» Dataset extract:
|---|

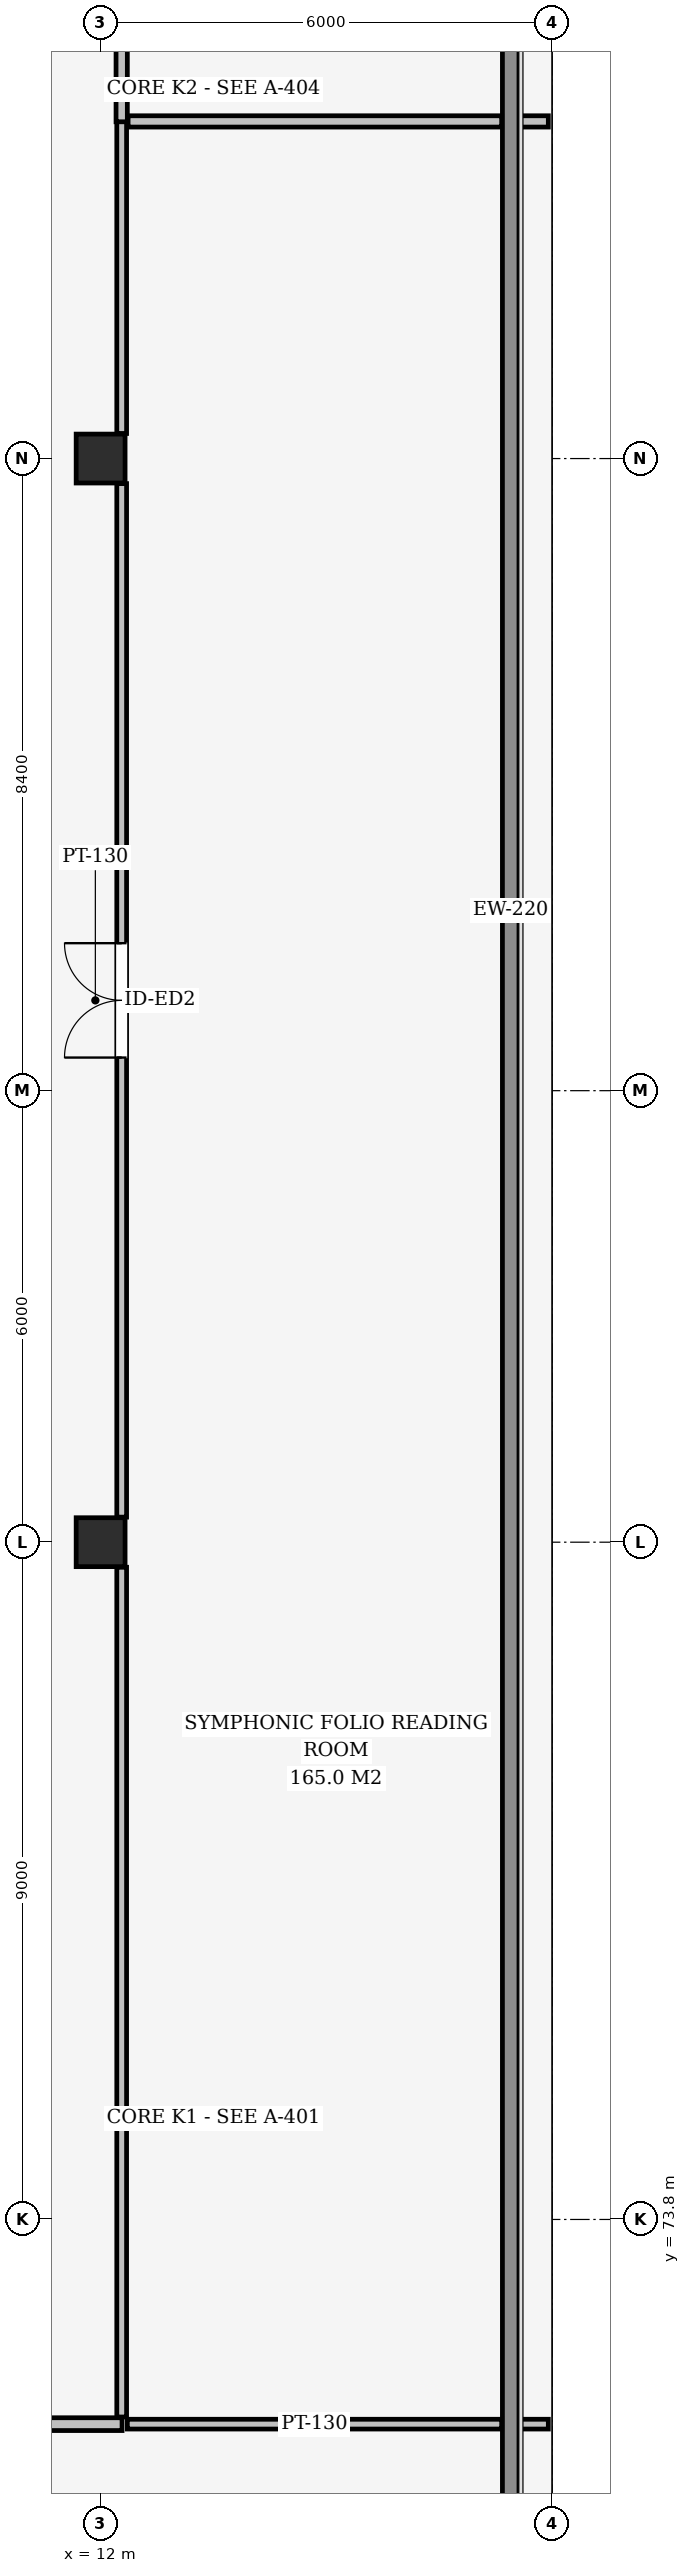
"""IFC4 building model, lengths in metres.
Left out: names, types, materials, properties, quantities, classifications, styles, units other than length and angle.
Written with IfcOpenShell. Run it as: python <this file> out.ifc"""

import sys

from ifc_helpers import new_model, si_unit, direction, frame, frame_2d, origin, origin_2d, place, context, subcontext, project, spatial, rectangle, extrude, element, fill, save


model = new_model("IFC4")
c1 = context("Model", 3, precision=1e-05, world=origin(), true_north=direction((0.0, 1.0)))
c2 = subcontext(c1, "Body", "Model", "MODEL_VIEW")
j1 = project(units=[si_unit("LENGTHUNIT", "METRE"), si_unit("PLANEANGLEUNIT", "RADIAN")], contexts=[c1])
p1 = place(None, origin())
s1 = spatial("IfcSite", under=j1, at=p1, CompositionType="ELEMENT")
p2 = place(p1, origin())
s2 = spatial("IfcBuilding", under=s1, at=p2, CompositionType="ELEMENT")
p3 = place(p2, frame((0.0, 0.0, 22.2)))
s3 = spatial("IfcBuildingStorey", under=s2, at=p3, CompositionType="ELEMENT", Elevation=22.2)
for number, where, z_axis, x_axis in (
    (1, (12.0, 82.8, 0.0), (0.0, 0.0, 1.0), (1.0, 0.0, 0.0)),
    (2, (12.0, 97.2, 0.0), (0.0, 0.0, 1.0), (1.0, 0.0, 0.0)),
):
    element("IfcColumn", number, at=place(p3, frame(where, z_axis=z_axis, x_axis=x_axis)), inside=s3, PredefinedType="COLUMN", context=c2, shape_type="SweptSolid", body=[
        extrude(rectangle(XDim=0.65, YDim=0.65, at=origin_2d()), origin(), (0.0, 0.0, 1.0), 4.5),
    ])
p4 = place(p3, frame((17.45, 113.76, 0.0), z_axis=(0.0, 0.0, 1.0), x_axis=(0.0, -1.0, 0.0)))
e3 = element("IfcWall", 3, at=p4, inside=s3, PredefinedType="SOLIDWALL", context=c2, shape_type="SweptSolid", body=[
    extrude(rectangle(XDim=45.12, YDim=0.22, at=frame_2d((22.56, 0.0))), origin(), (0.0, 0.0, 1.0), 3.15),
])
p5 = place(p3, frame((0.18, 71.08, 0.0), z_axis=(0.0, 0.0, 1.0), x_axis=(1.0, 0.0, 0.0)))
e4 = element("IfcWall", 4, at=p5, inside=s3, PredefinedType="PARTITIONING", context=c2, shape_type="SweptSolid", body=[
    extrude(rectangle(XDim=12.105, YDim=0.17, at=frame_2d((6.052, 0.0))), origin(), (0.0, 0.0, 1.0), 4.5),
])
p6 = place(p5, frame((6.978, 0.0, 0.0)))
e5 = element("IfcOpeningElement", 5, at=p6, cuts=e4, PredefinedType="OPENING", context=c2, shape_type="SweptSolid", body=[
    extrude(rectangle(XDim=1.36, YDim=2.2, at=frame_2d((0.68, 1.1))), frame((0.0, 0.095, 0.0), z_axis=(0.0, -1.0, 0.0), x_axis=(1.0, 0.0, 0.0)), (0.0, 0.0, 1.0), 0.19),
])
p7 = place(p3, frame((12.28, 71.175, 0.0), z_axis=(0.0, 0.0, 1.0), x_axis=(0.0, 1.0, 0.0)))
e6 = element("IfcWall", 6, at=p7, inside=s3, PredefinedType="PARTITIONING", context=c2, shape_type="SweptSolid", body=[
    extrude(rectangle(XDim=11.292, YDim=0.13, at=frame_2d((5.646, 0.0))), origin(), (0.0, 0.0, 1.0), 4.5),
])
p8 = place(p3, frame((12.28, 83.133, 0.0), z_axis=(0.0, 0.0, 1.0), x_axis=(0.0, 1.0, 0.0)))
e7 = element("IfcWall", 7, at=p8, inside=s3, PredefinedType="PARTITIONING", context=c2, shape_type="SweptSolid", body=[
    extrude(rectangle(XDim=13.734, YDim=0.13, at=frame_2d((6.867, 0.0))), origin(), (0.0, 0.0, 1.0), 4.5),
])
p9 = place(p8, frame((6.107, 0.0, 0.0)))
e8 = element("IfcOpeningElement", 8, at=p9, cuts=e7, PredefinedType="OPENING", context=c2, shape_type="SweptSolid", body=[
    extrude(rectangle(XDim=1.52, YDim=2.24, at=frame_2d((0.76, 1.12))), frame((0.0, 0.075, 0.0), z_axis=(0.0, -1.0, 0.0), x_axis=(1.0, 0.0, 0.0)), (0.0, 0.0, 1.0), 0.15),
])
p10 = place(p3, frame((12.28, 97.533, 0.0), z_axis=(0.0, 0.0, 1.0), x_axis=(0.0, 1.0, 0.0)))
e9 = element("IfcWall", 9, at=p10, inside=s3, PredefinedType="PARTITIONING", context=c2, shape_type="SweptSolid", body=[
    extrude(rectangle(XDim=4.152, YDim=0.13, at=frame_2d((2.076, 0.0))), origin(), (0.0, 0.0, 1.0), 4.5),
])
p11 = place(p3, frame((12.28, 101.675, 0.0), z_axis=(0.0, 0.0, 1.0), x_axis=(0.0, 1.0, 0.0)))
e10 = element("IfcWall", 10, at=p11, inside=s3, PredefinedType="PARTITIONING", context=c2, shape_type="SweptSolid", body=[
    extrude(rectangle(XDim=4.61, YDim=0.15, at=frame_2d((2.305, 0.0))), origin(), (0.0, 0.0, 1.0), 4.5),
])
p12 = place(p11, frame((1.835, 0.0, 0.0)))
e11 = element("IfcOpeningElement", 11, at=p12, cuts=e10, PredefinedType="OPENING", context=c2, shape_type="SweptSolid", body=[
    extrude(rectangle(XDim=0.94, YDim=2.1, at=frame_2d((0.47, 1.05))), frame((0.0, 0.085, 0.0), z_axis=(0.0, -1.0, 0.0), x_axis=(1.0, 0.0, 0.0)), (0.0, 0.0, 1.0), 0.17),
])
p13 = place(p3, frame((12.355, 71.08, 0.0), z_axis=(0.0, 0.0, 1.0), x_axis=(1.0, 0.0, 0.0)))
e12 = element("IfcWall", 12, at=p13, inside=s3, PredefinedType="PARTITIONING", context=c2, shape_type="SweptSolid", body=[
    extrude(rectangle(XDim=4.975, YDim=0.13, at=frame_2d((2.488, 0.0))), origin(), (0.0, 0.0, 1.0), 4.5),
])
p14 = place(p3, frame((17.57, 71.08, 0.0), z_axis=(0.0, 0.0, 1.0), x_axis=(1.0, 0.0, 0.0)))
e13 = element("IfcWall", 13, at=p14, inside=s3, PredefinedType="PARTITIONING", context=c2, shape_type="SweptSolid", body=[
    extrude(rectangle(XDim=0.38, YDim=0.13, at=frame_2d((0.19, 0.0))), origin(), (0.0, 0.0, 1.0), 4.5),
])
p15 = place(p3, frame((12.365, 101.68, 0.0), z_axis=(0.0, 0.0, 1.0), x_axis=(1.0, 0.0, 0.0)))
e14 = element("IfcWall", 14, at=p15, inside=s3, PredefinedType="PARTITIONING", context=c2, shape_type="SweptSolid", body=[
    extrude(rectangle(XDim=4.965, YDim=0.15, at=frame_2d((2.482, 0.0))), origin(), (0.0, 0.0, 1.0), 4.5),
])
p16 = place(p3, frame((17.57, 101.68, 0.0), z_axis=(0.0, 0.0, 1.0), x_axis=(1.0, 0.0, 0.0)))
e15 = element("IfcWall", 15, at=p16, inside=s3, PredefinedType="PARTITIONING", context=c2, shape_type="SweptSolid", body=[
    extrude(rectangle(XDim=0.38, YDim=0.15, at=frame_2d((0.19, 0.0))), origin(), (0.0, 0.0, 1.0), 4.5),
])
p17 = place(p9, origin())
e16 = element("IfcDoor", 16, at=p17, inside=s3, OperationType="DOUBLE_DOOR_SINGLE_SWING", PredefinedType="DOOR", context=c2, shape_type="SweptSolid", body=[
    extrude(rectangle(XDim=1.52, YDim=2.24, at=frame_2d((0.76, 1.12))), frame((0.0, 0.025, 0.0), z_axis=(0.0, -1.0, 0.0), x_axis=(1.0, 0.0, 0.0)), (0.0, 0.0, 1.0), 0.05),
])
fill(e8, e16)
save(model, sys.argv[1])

|---|

» Exercise details:
Please output the lines of the listing above that fall in the stretch from the one with "for number, where, z_axis, x_axis" through the one with "x_axis=(0.0, -1.0, 0.0)))", exactly and only those.

» Solution:
for number, where, z_axis, x_axis in (
    (1, (12.0, 82.8, 0.0), (0.0, 0.0, 1.0), (1.0, 0.0, 0.0)),
    (2, (12.0, 97.2, 0.0), (0.0, 0.0, 1.0), (1.0, 0.0, 0.0)),
):
    element("IfcColumn", number, at=place(p3, frame(where, z_axis=z_axis, x_axis=x_axis)), inside=s3, PredefinedType="COLUMN", context=c2, shape_type="SweptSolid", body=[
        extrude(rectangle(XDim=0.65, YDim=0.65, at=origin_2d()), origin(), (0.0, 0.0, 1.0), 4.5),
    ])
p4 = place(p3, frame((17.45, 113.76, 0.0), z_axis=(0.0, 0.0, 1.0), x_axis=(0.0, -1.0, 0.0)))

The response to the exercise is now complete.